**Data entries**
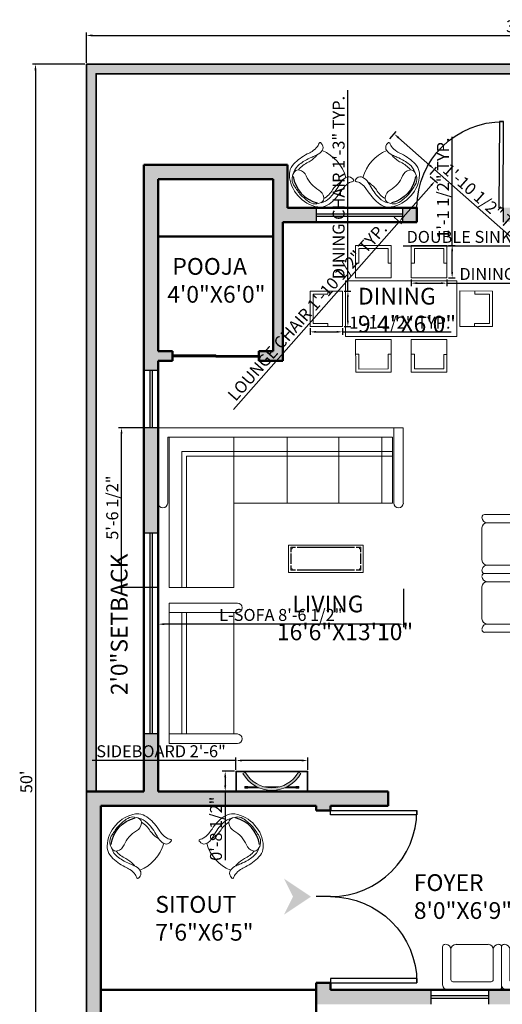
# Model space of a CAD drawing. Units: inches. Extents: x 2638 to 4577, y 1946 to 2619.
# Tile 2 of 8: x 2638 to 2839, y 2207 to 2619. Entities that reach past the tile are written whole.
import ezdxf

# ---------------------------------------------------------------- set-up
doc = ezdxf.new("R2010")
doc.units = ezdxf.units.IN
for name, color, linetype, lineweight in [('A-ANNO-DIMS', 2, 'Continuous', 18), ('A-ANNO-SYMB', 1, 'Continuous', 25), ('A-ANNO-TEXT', 7, 'Continuous', 25), ('A-AREA-IDEN', 7, 'Continuous', 25), ('A-DOOR', 4, 'Continuous', 25), ('A-FURN', 8, 'Continuous', 18), ('A-GLAZ', 4, 'Continuous', 25), ('A-WALL', 7, 'Continuous', 50), ('A-WALL-PATT', 8, 'Continuous', 13), ('aparador', 36, 'Continuous', 9), ('C-PROP', 1, 'Continuous', 35), ('C-PROP-PATT', 252, 'Continuous', 13), ('moveis', 254, 'Continuous', 5)]:
    doc.layers.add(name, color=color, linetype=linetype, lineweight=lineweight)
doc.layers.add('IFF-FURN-DETAIL', color=250, linetype='Continuous')
doc.styles.get("Standard").update_dxf_attribs({"font": 'arial.ttf'})
doc.dimstyles.new('ISO-25', dxfattribs={"dimtxt": 5, "dimasz": 2.5, "dimexe": 1.25, "dimexo": 0.625, "dimtad": 1, "dimdec": 1, "dimlunit": 3, "dimtxsty": 'Standard', "dimcen": 2.5, "dimclrt": 1, "dimadec": 0, "dimazin": 0, "dimtfac": 1, "dimtdec": 1, "dimtmove": 0, "dimatfit": 3, "dimfxl": 1, "dimarcsym": 0})

# ---------------------------------------------------------------- blocks, each defined once
blk = doc.blocks.new('*D1')
at = {"layer": 'A-ANNO-DIMS', "color": 0, "lineweight": -2, "transparency": 16777216}
for p, q in [((2665.41, 2600.78), (2665.41, 2613.44)), ((2667.91, 2612.19), (3022.91, 2612.19)), ((3025.41, 2600.78), (3025.41, 2613.44))]:
    blk.add_line(p, q, dxfattribs=at)
at = {"layer": 'A-ANNO-DIMS', "color": 0, "transparency": 16777216}
for points in [[(2667.91, 2612.61), (2667.91, 2611.77), (2665.41, 2612.19)], [(3022.91, 2612.61), (3022.91, 2611.77), (3025.41, 2612.19)]]:
    blk.add_solid(points, dxfattribs=at)
at = {"layer": 'Defpoints', "color": 0, "transparency": 16777216}
for p in [(3025.41, 2612.19), (2665.41, 2600.16), (3025.41, 2600.16)]:
    blk.add_point(p, dxfattribs=at)
at = {"layer": 'A-ANNO-DIMS', "color": 0, "transparency": 16777216, "insert": (2845.41, 2615.37), "char_height": 5, "attachment_point": 5}
blk.add_mtext("30'", dxfattribs=at)
blk = doc.blocks.new('*D2')
at = {"layer": 'A-ANNO-DIMS', "color": 0, "lineweight": -2, "transparency": 16777216}
for p, q in [((2664.78, 2600.16), (2642.86, 2600.16)), ((2644.11, 2597.66), (2644.11, 2002.66)), ((2664.78, 2000.16), (2642.86, 2000.16))]:
    blk.add_line(p, q, dxfattribs=at)
at = {"layer": 'A-ANNO-DIMS', "color": 0, "transparency": 16777216}
for points in [[(2643.7, 2597.66), (2644.53, 2597.66), (2644.11, 2600.16)], [(2643.7, 2002.66), (2644.53, 2002.66), (2644.11, 2000.16)]]:
    blk.add_solid(points, dxfattribs=at)
at = {"layer": 'Defpoints', "color": 0, "transparency": 16777216}
for p in [(2665.41, 2600.16), (2644.11, 2000.16), (2665.41, 2000.16)]:
    blk.add_point(p, dxfattribs=at)
at = {"layer": 'A-ANNO-DIMS', "color": 0, "transparency": 16777216, "insert": (2640.93, 2300.16), "char_height": 5, "attachment_point": 5, "rotation": 90}
blk.add_mtext("50'", dxfattribs=at)
blk = doc.blocks.new('*U4')
for p, q in [((0, 0), (0, -6)), ((36, 0), (36, -6))]:
    blk.add_line(p, q)
blk.add_lwpolyline([(0, 0), (0, 36), (1.75, 36), (1.75, 0)], close=True)
blk.add_arc((0, 0), 36, 0, 90)
blk = doc.blocks.new('Aparador ORGANICA Formatto')
at = {"layer": 'aparador', "ltscale": 0.3}
h = blk.add_hatch(color=256, dxfattribs=at)
h.dxf.hatch_style = 1
h.set_gradient(color1=(118, 213, 123), color2=(52, 168, 57), one_color=1, tint=0.43, name='INVCURVED')
h.paths.add_polyline_path([(0.8, 0.45), (-0.8, 0.45), (-0.8, 0), (0.8, 0)])
h.paths.add_polyline_path([(0.785, 0.435), (0.785, 0.015), (-0.785, 0.015), (-0.785, 0.435)], flags=16)
h.paths.add_polyline_path([(0.291, 0.37), (0.537, 0.37), (0.537, 0.376), (0.601, 0.376), (0.601, 0.37), (0.601, 0.35), (0.601, 0.344), (0.537, 0.344), (0.537, 0.35), (0.334, 0.35, -0.150336), (0.645, 0.049), (0.592, 0.02, 0.208852), (0.163, 0.35), (-0.163, 0.35, 0.208852), (-0.592, 0.02), (-0.645, 0.049, -0.150336), (-0.334, 0.35), (-0.537, 0.35), (-0.537, 0.344), (-0.601, 0.344), (-0.601, 0.35), (-0.601, 0.37), (-0.601, 0.376), (-0.537, 0.376), (-0.537, 0.37), (-0.291, 0.37, -0.206106)], flags=0)
h = blk.add_hatch(color=256, dxfattribs=at)
h.dxf.hatch_style = 1
h.set_gradient(color1=(135, 92, 69), color2=(0, 0, 0), one_color=1, name='INVCURVED')
h.paths.add_polyline_path([(-0.645, 0.049), (-0.592, 0.02, -0.590888), (0.592, 0.02), (0.645, 0.049, 0.590888)])
h = blk.add_hatch(color=256, dxfattribs=at)
h.dxf.hatch_style = 1
h.set_gradient(color1=(178, 189, 189), one_color=1, tint=1, name='CYLINDER')
h.paths.add_polyline_path([(-0.537, 0.376), (-0.601, 0.376), (-0.601, 0.37), (-0.537, 0.37)])
h.paths.add_polyline_path([(-0.537, 0.35), (-0.601, 0.35), (-0.601, 0.344), (-0.537, 0.344)])
h = blk.add_hatch(color=256, dxfattribs=at)
h.dxf.hatch_style = 1
h.set_gradient(color1=(118, 213, 123), color2=(31, 101, 35), one_color=1, tint=0.26, name='INVCURVED')
h.paths.add_polyline_path([(-0.291, 0.37), (-0.601, 0.37), (-0.601, 0.35), (-0.334, 0.35, -0.015999)])
h = blk.add_hatch(color=256, dxfattribs=at)
h.dxf.hatch_style = 1
h.set_gradient(color1=(118, 213, 123), color2=(31, 101, 35), one_color=1, tint=0.26, name='INVCURVED')
h.paths.add_polyline_path([(-0.163, 0.35), (0.163, 0.35, 0.122516)])
h = blk.add_hatch(color=256, dxfattribs=at)
h.dxf.hatch_style = 1
h.set_gradient(color1=(118, 213, 123), color2=(31, 101, 35), one_color=1, tint=0.26, name='INVCURVED')
h.paths.add_polyline_path([(0.601, 0.37), (0.291, 0.37, -0.015999), (0.334, 0.35), (0.601, 0.35)])
h = blk.add_hatch(color=256, dxfattribs=at)
h.dxf.hatch_style = 1
h.set_gradient(color1=(178, 189, 189), one_color=1, tint=1, name='CYLINDER')
h.paths.add_polyline_path([(0.601, 0.376), (0.537, 0.376), (0.537, 0.37), (0.601, 0.37)])
h.paths.add_polyline_path([(0.601, 0.35), (0.537, 0.35), (0.537, 0.344), (0.601, 0.344)])
for p, q in [((-0.592, 0.02), (-0.645, 0.049)), ((0.592, 0.02), (0.645, 0.049))]:
    blk.add_line(p, q, dxfattribs=at)
for points in [[(-0.601, 0.37), (-0.601, 0.376), (-0.537, 0.376), (-0.537, 0.37)], [(-0.537, 0.35), (-0.537, 0.344), (-0.601, 0.344), (-0.601, 0.35)], [(0.601, 0.37), (0.601, 0.376), (0.537, 0.376), (0.537, 0.37)], [(0.537, 0.35), (0.537, 0.344), (0.601, 0.344), (0.601, 0.35)]]:
    blk.add_lwpolyline(points, dxfattribs=at)
for radius in [0.736, 0.676]:
    blk.add_arc((0, -0.306), radius, 28.8434, 151.1566, dxfattribs=at)
at = {"layer": 'moveis', "ltscale": 0.3}
for p, q in [((-0.601, 0.37), (-0.601, 0.35)), ((-0.291, 0.37), (-0.601, 0.37)), ((-0.601, 0.35), (-0.334, 0.35)), ((-0.163, 0.35), (0.163, 0.35)), ((0.291, 0.37), (0.601, 0.37)), ((0.601, 0.35), (0.334, 0.35)), ((0.601, 0.37), (0.601, 0.35))]:
    blk.add_line(p, q, dxfattribs=at)
for points in [[(-0.8, 0), (0.8, 0), (0.8, 0.45), (-0.8, 0.45)], [(-0.785, 0.015), (0.785, 0.015), (0.785, 0.435), (-0.785, 0.435)]]:
    blk.add_lwpolyline(points, close=True, dxfattribs=at)
blk = doc.blocks.new('TABLE-30A')
at = {"color": 0, "linetype": 'ByBlock'}
for p, q in [((0, 0), (0, 0.55)), ((0, 0.55), (1.5, 0.55)), ((0.051, 0.508), (0.042, 0.499)), ((0.042, 0.499), (0.042, 0.478)), ((0.042, 0.478), (0.072, 0.478)), ((0.042, 0.478), (0.042, 0.41)), ((0.072, 0.508), (0.051, 0.508)), ((0.051, 0.478), (0.051, 0.41)), ((0.072, 0.478), (0.072, 0.508)), ((0.072, 0.508), (0.14, 0.508)), ((0.072, 0.499), (0.14, 0.499)), ((1.331, 0.508), (0.169, 0.508)), ((1.331, 0.499), (0.169, 0.499)), ((1.428, 0.508), (1.36, 0.508)), ((1.428, 0.499), (1.36, 0.499)), ((1.428, 0.508), (1.428, 0.478)), ((1.449, 0.508), (1.428, 0.508)), ((1.428, 0.478), (1.458, 0.478)), ((1.458, 0.499), (1.449, 0.508)), ((1.449, 0.478), (1.449, 0.41)), ((1.458, 0.478), (1.458, 0.499)), ((1.458, 0.478), (1.458, 0.41)), ((1.5, 0.55), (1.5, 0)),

**Your objective**
Reproduce only the lines above, starting at the line with "(1.75, 0)], close=True)" and ending at the line with "(-0.785, 0.435)], flags=16)", exactly as written.

**Task answer**
blk.add_lwpolyline([(0, 0), (0, 36), (1.75, 36), (1.75, 0)], close=True)
blk.add_arc((0, 0), 36, 0, 90)
blk = doc.blocks.new('Aparador ORGANICA Formatto')
at = {"layer": 'aparador', "ltscale": 0.3}
h = blk.add_hatch(color=256, dxfattribs=at)
h.dxf.hatch_style = 1
h.set_gradient(color1=(118, 213, 123), color2=(52, 168, 57), one_color=1, tint=0.43, name='INVCURVED')
h.paths.add_polyline_path([(0.8, 0.45), (-0.8, 0.45), (-0.8, 0), (0.8, 0)])
h.paths.add_polyline_path([(0.785, 0.435), (0.785, 0.015), (-0.785, 0.015), (-0.785, 0.435)], flags=16)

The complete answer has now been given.